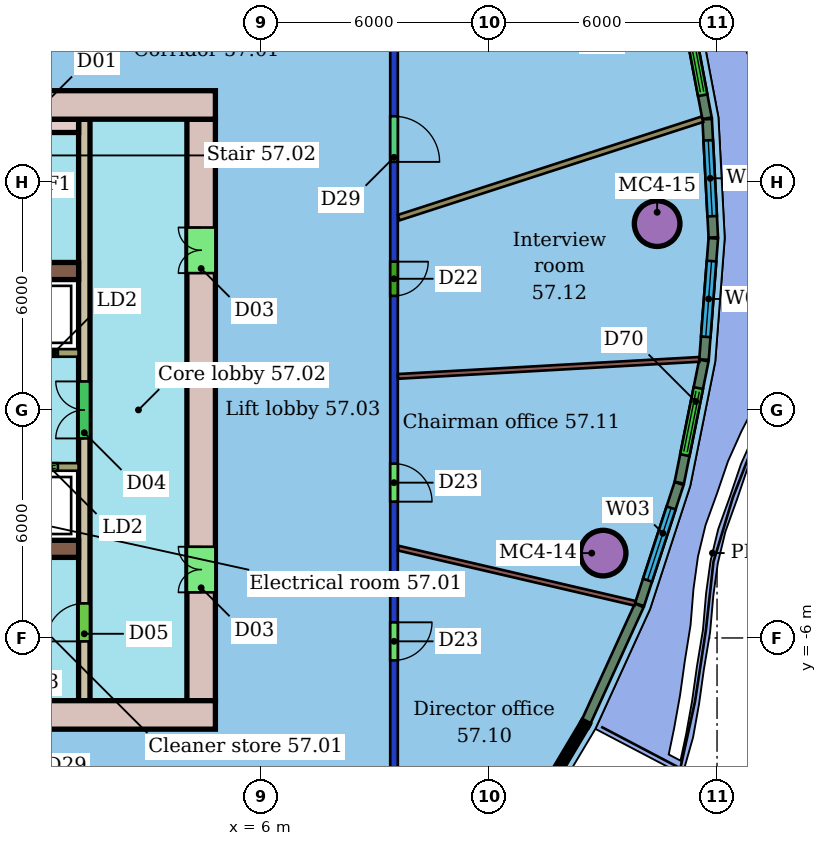
"""IFC4 building model, lengths in metres.
Left out: names, types, materials, properties, quantities, classifications, styles, units other than length and angle.
Written with IfcOpenShell. Run it as: python <this file> out.ifc"""

import sys

from ifc_helpers import new_model, si_unit, direction, frame, frame_2d, origin, origin_2d, place, context, subcontext, project, spatial, rectangle, hollow_circle, extrude, element, fill, save


model = new_model("IFC4")
c1 = context("Model", 3, precision=1e-05, world=origin(), true_north=direction((0.0, 1.0)))
c2 = subcontext(c1, "Body", "Model", "MODEL_VIEW")
j1 = project(units=[si_unit("LENGTHUNIT", "METRE"), si_unit("PLANEANGLEUNIT", "RADIAN")], contexts=[c1])
p1 = place(None, origin())
s1 = spatial("IfcSite", under=j1, at=p1, CompositionType="ELEMENT")
p2 = place(p1, origin())
s2 = spatial("IfcBuilding", under=s1, at=p2, CompositionType="ELEMENT")
p3 = place(p2, frame((0.0, 0.0, 231.7)))
s3 = spatial("IfcBuildingStorey", under=s2, at=p3, CompositionType="ELEMENT", Elevation=231.7)
for number, where, z_axis, x_axis in (
    (1, (15.003, -3.768, 0.0), (0.0, 0.0, 1.0), (1.0, 0.0, 0.0)),
    (2, (16.424, 4.901, 0.0), (0.0, 0.0, 1.0), (1.0, 0.0, 0.0)),
):
    element("IfcColumn", number, at=place(p3, frame(where, z_axis=z_axis, x_axis=x_axis)), inside=s3, PredefinedType="COLUMN", context=c2, shape_type="SweptSolid", body=[
        extrude(hollow_circle(Radius=0.6, WallThickness=0.045, at=origin_2d()), origin(), (0.0, 0.0, 1.0), 3.45),
    ])
p4 = place(p3, frame((9.5, 10.4, 0.0), z_axis=(0.0, 0.0, 1.0), x_axis=(0.0, -1.0, 0.0)))
e3 = element("IfcWall", 3, at=p4, inside=s3, PredefinedType="PARTITIONING", context=c2, shape_type="SweptSolid", body=[
    extrude(rectangle(XDim=20.8, YDim=0.2, at=frame_2d((10.4, 0.0))), origin(), (0.0, 0.0, 1.0), 3.05),
])
p5 = place(p4, frame((15.989, 0.0, 0.0)))
e4 = element("IfcOpeningElement", 4, at=p5, cuts=e3, PredefinedType="OPENING", context=c2, shape_type="SweptSolid", body=[
    extrude(rectangle(XDim=1.0, YDim=2.4, at=frame_2d((0.5, 1.2))), frame((0.0, 0.11, 0.0), z_axis=(0.0, -1.0, 0.0), x_axis=(1.0, 0.0, 0.0)), (0.0, 0.0, 1.0), 0.22),
])
p6 = place(p4, frame((11.814, 0.0, 0.0)))
e5 = element("IfcOpeningElement", 5, at=p6, cuts=e3, PredefinedType="OPENING", context=c2, shape_type="SweptSolid", body=[
    extrude(rectangle(XDim=1.0, YDim=2.4, at=frame_2d((0.5, 1.2))), frame((0.0, 0.11, 0.0), z_axis=(0.0, -1.0, 0.0), x_axis=(1.0, 0.0, 0.0)), (0.0, 0.0, 1.0), 0.22),
])
p7 = place(p4, frame((6.499, 0.0, 0.0)))
e6 = element("IfcOpeningElement", 6, at=p7, cuts=e3, PredefinedType="OPENING", context=c2, shape_type="SweptSolid", body=[
    extrude(rectangle(XDim=0.9, YDim=2.1, at=frame_2d((0.45, 1.05))), frame((0.0, 0.11, 0.0), z_axis=(0.0, -1.0, 0.0), x_axis=(1.0, 0.0, 0.0)), (0.0, 0.0, 1.0), 0.22),
])
p8 = place(p4, frame((2.673, 0.0, 0.0)))
e7 = element("IfcOpeningElement", 7, at=p8, cuts=e3, PredefinedType="OPENING", context=c2, shape_type="SweptSolid", body=[
    extrude(rectangle(XDim=1.2, YDim=2.4, at=frame_2d((0.6, 1.2))), frame((0.0, 0.11, 0.0), z_axis=(0.0, -1.0, 0.0), x_axis=(1.0, 0.0, 0.0)), (0.0, 0.0, 1.0), 0.22),
])
p9 = place(p3, frame((15.841, -5.087, 0.0), z_axis=(0.0, 0.0, 1.0), x_axis=(-0.973929013139, 0.226852986241, 0.0)))
e8 = element("IfcWall", 8, at=p9, inside=s3, PredefinedType="PARTITIONING", context=c2, shape_type="SweptSolid", body=[
    extrude(rectangle(XDim=6.394, YDim=0.125, at=frame_2d((3.197, 0.0))), origin(), (0.0, 0.0, 1.0), 3.45),
])
p10 = place(p3, frame((17.532, 1.33, 0.0), z_axis=(0.0, 0.0, 1.0), x_axis=(-0.99840760058, -0.056411551161, 0.0)))
e9 = element("IfcWall", 9, at=p10, inside=s3, PredefinedType="PARTITIONING", context=c2, shape_type="SweptSolid", body=[
    extrude(rectangle(XDim=7.942, YDim=0.125, at=frame_2d((3.971, 0.0))), origin(), (0.0, 0.0, 1.0), 3.45),
])
p11 = place(p3, frame((17.615, 7.648, 0.0), z_axis=(0.0, 0.0, 1.0), x_axis=(-0.951351351351, -0.308108108108, 0.0)))
e10 = element("IfcWall", 10, at=p11, inside=s3, PredefinedType="PARTITIONING", context=c2, shape_type="SweptSolid", body=[
    extrude(rectangle(XDim=8.401, YDim=0.15, at=frame_2d((4.2, 0.0))), origin(), (0.0, 0.0, 1.0), 3.45),
])
p12 = place(p3, frame((14.556, -8.202, 0.0), z_axis=(0.0, 0.0, 1.0), x_axis=(0.415284514337, 0.909691580785, 0.0)))
e11 = element("IfcWall", 11, at=p12, inside=s3, PredefinedType="SOLIDWALL", context=c2, shape_type="SweptSolid", body=[
    extrude(rectangle(XDim=3.363, YDim=0.25, at=frame_2d((1.682, 0.0))), origin(), (0.0, 0.0, 1.0), 3.1),
])
p13 = place(p3, frame((15.961, -5.122, 0.0), z_axis=(0.0, 0.0, 1.0), x_axis=(0.310298321168, 0.950639233295, 0.0)))
e12 = element("IfcWall", 12, at=p13, inside=s3, PredefinedType="SOLIDWALL", context=c2, shape_type="SweptSolid", body=[
    extrude(rectangle(XDim=3.351, YDim=0.25, at=frame_2d((1.676, 0.0))), origin(), (0.0, 0.0, 1.0), 3.1),
])
p14 = place(p13, frame((0.676, 0.0, 0.9)))
e13 = element("IfcOpeningElement", 13, at=p14, cuts=e12, PredefinedType="OPENING", context=c2, shape_type="SweptSolid", body=[
    extrude(rectangle(XDim=2.0, YDim=2.1, at=frame_2d((1.0, 1.05))), frame((0.0, 0.135, 0.0), z_axis=(0.0, -1.0, 0.0), x_axis=(1.0, 0.0, 0.0)), (0.0, 0.0, 1.0), 0.27),
])
p15 = place(p3, frame((17.007, -1.915, 0.0), z_axis=(0.0, 0.0, 1.0), x_axis=(0.197275160693, 0.980348158041, 0.0)))
e14 = element("IfcWall", 14, at=p15, inside=s3, PredefinedType="SOLIDWALL", context=c2, shape_type="SweptSolid", body=[
    extrude(rectangle(XDim=3.281, YDim=0.25, at=frame_2d((1.64, 0.0))), origin(), (0.0, 0.0, 1.0), 3.1),
])
p16 = place(p15, frame((0.74, 0.0, 0.0)))
e15 = element("IfcOpeningElement", 15, at=p16, cuts=e14, PredefinedType="OPENING", context=c2, shape_type="SweptSolid", body=[
    extrude(rectangle(XDim=1.8, YDim=2.4, at=frame_2d((0.9, 1.2))), frame((0.0, 0.135, 0.0), z_axis=(0.0, -1.0, 0.0), x_axis=(1.0, 0.0, 0.0)), (0.0, 0.0, 1.0), 0.27),
])
p17 = place(p3, frame((17.657, 1.324, 0.0), z_axis=(0.0, 0.0, 1.0), x_axis=(0.076358161895, 0.997080453681, 0.0)))
e16 = element("IfcWall", 16, at=p17, inside=s3, PredefinedType="SOLIDWALL", context=c2, shape_type="SweptSolid", body=[
    extrude(rectangle(XDim=3.2, YDim=0.25, at=frame_2d((1.6, 0.0))), origin(), (0.0, 0.0, 1.0), 3.1),
])
p18 = place(p17, frame((0.6, 0.0, 0.9)))
e17 = element("IfcOpeningElement", 17, at=p18, cuts=e16, PredefinedType="OPENING", context=c2, shape_type="SweptSolid", body=[
    extrude(rectangle(XDim=2.0, YDim=2.1, at=frame_2d((1.0, 1.05))), frame((0.0, 0.135, 0.0), z_axis=(0.0, -1.0, 0.0), x_axis=(1.0, 0.0, 0.0)), (0.0, 0.0, 1.0), 0.27),
])
p19 = place(p3, frame((17.902, 4.54, 0.0), z_axis=(0.0, 0.0, 1.0), x_axis=(-0.051884190685, 0.99865310832, 0.0)))
e18 = element("IfcWall", 18, at=p19, inside=s3, PredefinedType="SOLIDWALL", context=c2, shape_type="SweptSolid", body=[
    extrude(rectangle(XDim=3.115, YDim=0.25, at=frame_2d((1.558, 0.0))), origin(), (0.0, 0.0, 1.0), 3.1),
])
p20 = place(p19, frame((0.558, 0.0, 0.9)))
e19 = element("IfcOpeningElement", 19, at=p20, cuts=e18, PredefinedType="OPENING", context=c2, shape_type="SweptSolid", body=[
    extrude(rectangle(XDim=2.0, YDim=2.1, at=frame_2d((1.0, 1.05))), frame((0.0, 0.135, 0.0), z_axis=(0.0, -1.0, 0.0), x_axis=(1.0, 0.0, 0.0)), (0.0, 0.0, 1.0), 0.27),
])
p21 = place(p3, frame((17.737, 7.675, 0.0), z_axis=(0.0, 0.0, 1.0), x_axis=(-0.186112401934, 0.982528459561, 0.0)))
e20 = element("IfcWall", 20, at=p21, inside=s3, PredefinedType="SOLIDWALL", context=c2, shape_type="SweptSolid", body=[
    extrude(rectangle(XDim=3.03, YDim=0.25, at=frame_2d((1.515, 0.0))), origin(), (0.0, 0.0, 1.0), 3.1),
])
p22 = place(p21, frame((0.615, 0.0, 0.0)))
e21 = element("IfcOpeningElement", 21, at=p22, cuts=e20, PredefinedType="OPENING", context=c2, shape_type="SweptSolid", body=[
    extrude(rectangle(XDim=1.8, YDim=2.4, at=frame_2d((0.9, 1.2))), frame((0.0, 0.135, 0.0), z_axis=(0.0, -1.0, 0.0), x_axis=(1.0, 0.0, 0.0)), (0.0, 0.0, 1.0), 0.27),
])
p23 = place(p3, frame((4.8, 8.025, 0.0), z_axis=(0.0, 0.0, 1.0), x_axis=(-1.0, 0.0, 0.0)))
e22 = element("IfcWall", 22, at=p23, inside=s3, PredefinedType="SHEAR", context=c2, shape_type="SweptSolid", body=[
    extrude(rectangle(XDim=10.8, YDim=0.75, at=frame_2d((5.4, 0.0))), origin(), (0.0, 0.0, 1.0), 3.3),
])
p24 = place(p23, frame((4.4, 0.0, 0.0)))
e23 = element("IfcOpeningElement", 23, at=p24, cuts=e22, PredefinedType="OPENING", context=c2, shape_type="SweptSolid", body=[
    extrude(rectangle(XDim=1.2, YDim=2.1, at=frame_2d((0.6, 1.05))), frame((0.0, 0.385, 0.0), z_axis=(0.0, -1.0, 0.0), x_axis=(1.0, 0.0, 0.0)), (0.0, 0.0, 1.0), 0.77),
])
p25 = place(p3, frame((-16.8, -8.025, 0.0), z_axis=(0.0, 0.0, 1.0), x_axis=(1.0, 0.0, 0.0)))
e24 = element("IfcWall", 24, at=p25, inside=s3, PredefinedType="SHEAR", context=c2, shape_type="SweptSolid", body=[
    extrude(rectangle(XDim=21.6, YDim=0.75, at=frame_2d((10.8, 0.0))), origin(), (0.0, 0.0, 1.0), 3.3),
])
p26 = place(p25, frame((4.8, 0.0, 0.0)))
e25 = element("IfcOpeningElement", 25, at=p26, cuts=e24, PredefinedType="OPENING", context=c2, shape_type="SweptSolid", body=[
    extrude(rectangle(XDim=1.2, YDim=2.1, at=frame_2d((0.6, 1.05))), frame((0.0, 0.385, 0.0), z_axis=(0.0, -1.0, 0.0), x_axis=(1.0, 0.0, 0.0)), (0.0, 0.0, 1.0), 0.77),
])
p27 = place(p3, frame((4.425, -7.65, 0.0), z_axis=(0.0, 0.0, 1.0), x_axis=(0.0, 1.0, 0.0)))
e26 = element("IfcWall", 26, at=p27, inside=s3, PredefinedType="SHEAR", context=c2, shape_type="SweptSolid", body=[
    extrude(rectangle(XDim=15.3, YDim=0.75, at=frame_2d((7.65, 0.0))), origin(), (0.0, 0.0, 1.0), 3.3),
])
p28 = place(p27, frame((2.85, 0.0, 0.0)))
e27 = element("IfcOpeningElement", 27, at=p28, cuts=e26, PredefinedType="OPENING", context=c2, shape_type="SweptSolid", body=[
    extrude(rectangle(XDim=1.2, YDim=2.1, at=frame_2d((0.6, 1.05))), frame((0.0, 0.385, 0.0), z_axis=(0.0, -1.0, 0.0), x_axis=(1.0, 0.0, 0.0)), (0.0, 0.0, 1.0), 0.77),
])
p29 = place(p27, frame((11.25, 0.0, 0.0)))
e28 = element("IfcOpeningElement", 28, at=p29, cuts=e26, PredefinedType="OPENING", context=c2, shape_type="SweptSolid", body=[
    extrude(rectangle(XDim=1.2, YDim=2.1, at=frame_2d((0.6, 1.05))), frame((0.0, 0.385, 0.0), z_axis=(0.0, -1.0, 0.0), x_axis=(1.0, 0.0, 0.0)), (0.0, 0.0, 1.0), 0.77),
])
for number, where, z_axis, x_axis in (
    (29, (-6.0, 3.655, 0.0), (0.0, 0.0, 1.0), (1.0, 0.0, 0.0)),
    (30, (-6.0, -3.655, 0.0), (0.0, 0.0, 1.0), (1.0, 0.0, 0.0)),
):
    element("IfcWall", number, at=place(p3, frame(where, z_axis=z_axis, x_axis=x_axis)), inside=s3, PredefinedType="SHEAR", context=c2, shape_type="SweptSolid", body=[
        extrude(rectangle(XDim=7.2, YDim=0.45, at=frame_2d((3.6, 0.0))), origin(), (0.0, 0.0, 1.0), 3.3),
    ])
p30 = place(p3, frame((1.35, -7.65, 0.0), z_axis=(0.0, 0.0, 1.0), x_axis=(0.0, 1.0, 0.0)))
e31 = element("IfcWall", 31, at=p30, inside=s3, PredefinedType="SHEAR", context=c2, shape_type="SweptSolid", body=[
    extrude(rectangle(XDim=15.3, YDim=0.3, at=frame_2d((7.65, 0.0))), origin(), (0.0, 0.0, 1.0), 3.3),
])
p31 = place(p30, frame((1.56, 0.0, 0.0)))
e32 = element("IfcOpeningElement", 32, at=p31, cuts=e31, PredefinedType="OPENING", context=c2, shape_type="SweptSolid", body=[
    extrude(rectangle(XDim=1.0, YDim=2.1, at=frame_2d((0.5, 1.05))), frame((0.0, 0.16, 0.0), z_axis=(0.0, -1.0, 0.0), x_axis=(1.0, 0.0, 0.0)), (0.0, 0.0, 1.0), 0.32),
])
p32 = place(p30, frame((6.9, 0.0, 0.0)))
e33 = element("IfcOpeningElement", 33, at=p32, cuts=e31, PredefinedType="OPENING", context=c2, shape_type="SweptSolid", body=[
    extrude(rectangle(XDim=1.5, YDim=2.1, at=frame_2d((0.75, 1.05))), frame((0.0, 0.16, 0.0), z_axis=(0.0, -1.0, 0.0), x_axis=(1.0, 0.0, 0.0)), (0.0, 0.0, 1.0), 0.32),
])
p33 = place(p3, frame((-13.2, 1.5, 0.0), z_axis=(0.0, 0.0, 1.0), x_axis=(1.0, 0.0, 0.0)))
e34 = element("IfcWall", 34, at=p33, inside=s3, PredefinedType="SHEAR", context=c2, shape_type="SweptSolid", body=[
    extrude(rectangle(XDim=14.4, YDim=0.2, at=frame_2d((7.2, 0.0))), origin(), (0.0, 0.0, 1.0), 3.3),
])
p34 = place(p33, frame((10.312, 0.0, 0.0)))
e35 = element("IfcOpeningElement", 35, at=p34, cuts=e34, PredefinedType="OPENING", context=c2, shape_type="SweptSolid", body=[
    extrude(rectangle(XDim=1.1, YDim=2.1, at=frame_2d((0.55, 1.05))), frame((0.0, 0.11, 0.0), z_axis=(0.0, -1.0, 0.0), x_axis=(1.0, 0.0, 0.0)), (0.0, 0.0, 1.0), 0.22),
])
p35 = place(p33, frame((12.754, 0.0, 0.0)))
e36 = element("IfcOpeningElement", 36, at=p35, cuts=e34, PredefinedType="OPENING", context=c2, shape_type="SweptSolid", body=[
    extrude(rectangle(XDim=1.1, YDim=2.1, at=frame_2d((0.55, 1.05))), frame((0.0, 0.11, 0.0), z_axis=(0.0, -1.0, 0.0), x_axis=(1.0, 0.0, 0.0)), (0.0, 0.0, 1.0), 0.22),
])
p36 = place(p33, frame((0.15, 0.0, 0.0)))
e37 = element("IfcOpeningElement", 37, at=p36, cuts=e34, PredefinedType="OPENING", context=c2, shape_type="SweptSolid", body=[
    extrude(rectangle(XDim=0.9, YDim=2.1, at=frame_2d((0.45, 1.05))), frame((0.0, 0.11, 0.0), z_axis=(0.0, -1.0, 0.0), x_axis=(1.0, 0.0, 0.0)), (0.0, 0.0, 1.0), 0.22),
])
p37 = place(p33, frame((3.365, 0.0, 0.0)))
e38 = element("IfcOpeningElement", 38, at=p37, cuts=e34, PredefinedType="OPENING", context=c2, shape_type="SweptSolid", body=[
    extrude(rectangle(XDim=1.0, YDim=2.1, at=frame_2d((0.5, 1.05))), frame((0.0, 0.11, 0.0), z_axis=(0.0, -1.0, 0.0), x_axis=(1.0, 0.0, 0.0)), (0.0, 0.0, 1.0), 0.22),
])
p38 = place(p33, frame((8.467, 0.0, 0.0)))
e39 = element("IfcOpeningElement", 39, at=p38, cuts=e34, PredefinedType="OPENING", context=c2, shape_type="SweptSolid", body=[
    extrude(rectangle(XDim=0.9, YDim=2.1, at=frame_2d((0.45, 1.05))), frame((0.0, 0.11, 0.0), z_axis=(0.0, -1.0, 0.0), x_axis=(1.0, 0.0, 0.0)), (0.0, 0.0, 1.0), 0.22),
])
p39 = place(p3, frame((1.2, -1.5, 0.0), z_axis=(0.0, 0.0, 1.0), x_axis=(-1.0, 0.0, 0.0)))
e40 = element("IfcWall", 40, at=p39, inside=s3, PredefinedType="SHEAR", context=c2, shape_type="SweptSolid", body=[
    extrude(rectangle(XDim=14.4, YDim=0.2, at=frame_2d((7.2, 0.0))), origin(), (0.0, 0.0, 1.0), 3.3),
])
p40 = place(p39, frame((7.821, 0.0, 0.0)))
e41 = element("IfcOpeningElement", 41, at=p40, cuts=e40, PredefinedType="OPENING", context=c2, shape_type="SweptSolid", body=[
    extrude(rectangle(XDim=1.2, YDim=2.1, at=frame_2d((0.6, 1.05))), frame((0.0, 0.11, 0.0), z_axis=(0.0, -1.0, 0.0), x_axis=(1.0, 0.0, 0.0)), (0.0, 0.0, 1.0), 0.22),
])
p41 = place(p39, frame((0.546, 0.0, 0.0)))
e42 = element("IfcOpeningElement", 42, at=p41, cuts=e40, PredefinedType="OPENING", context=c2, shape_type="SweptSolid", body=[
    extrude(rectangle(XDim=1.1, YDim=2.1, at=frame_2d((0.55, 1.05))), frame((0.0, 0.11, 0.0), z_axis=(0.0, -1.0, 0.0), x_axis=(1.0, 0.0, 0.0)), (0.0, 0.0, 1.0), 0.22),
])
p42 = place(p39, frame((4.335, 0.0, 0.0)))
e43 = element("IfcOpeningElement", 43, at=p42, cuts=e40, PredefinedType="OPENING", context=c2, shape_type="SweptSolid", body=[
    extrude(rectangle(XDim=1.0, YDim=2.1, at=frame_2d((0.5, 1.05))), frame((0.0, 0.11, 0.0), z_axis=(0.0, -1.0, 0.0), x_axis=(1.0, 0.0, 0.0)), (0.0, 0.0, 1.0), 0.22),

### Your instructions
Copy whichever lines in the listing above contain the word "where".

### Response to this task
for number, where, z_axis, x_axis in (
    element("IfcColumn", number, at=place(p3, frame(where, z_axis=z_axis, x_axis=x_axis)), inside=s3, PredefinedType="COLUMN", context=c2, shape_type="SweptSolid", body=[
for number, where, z_axis, x_axis in (
    element("IfcWall", number, at=place(p3, frame(where, z_axis=z_axis, x_axis=x_axis)), inside=s3, PredefinedType="SHEAR", context=c2, shape_type="SweptSolid", body=[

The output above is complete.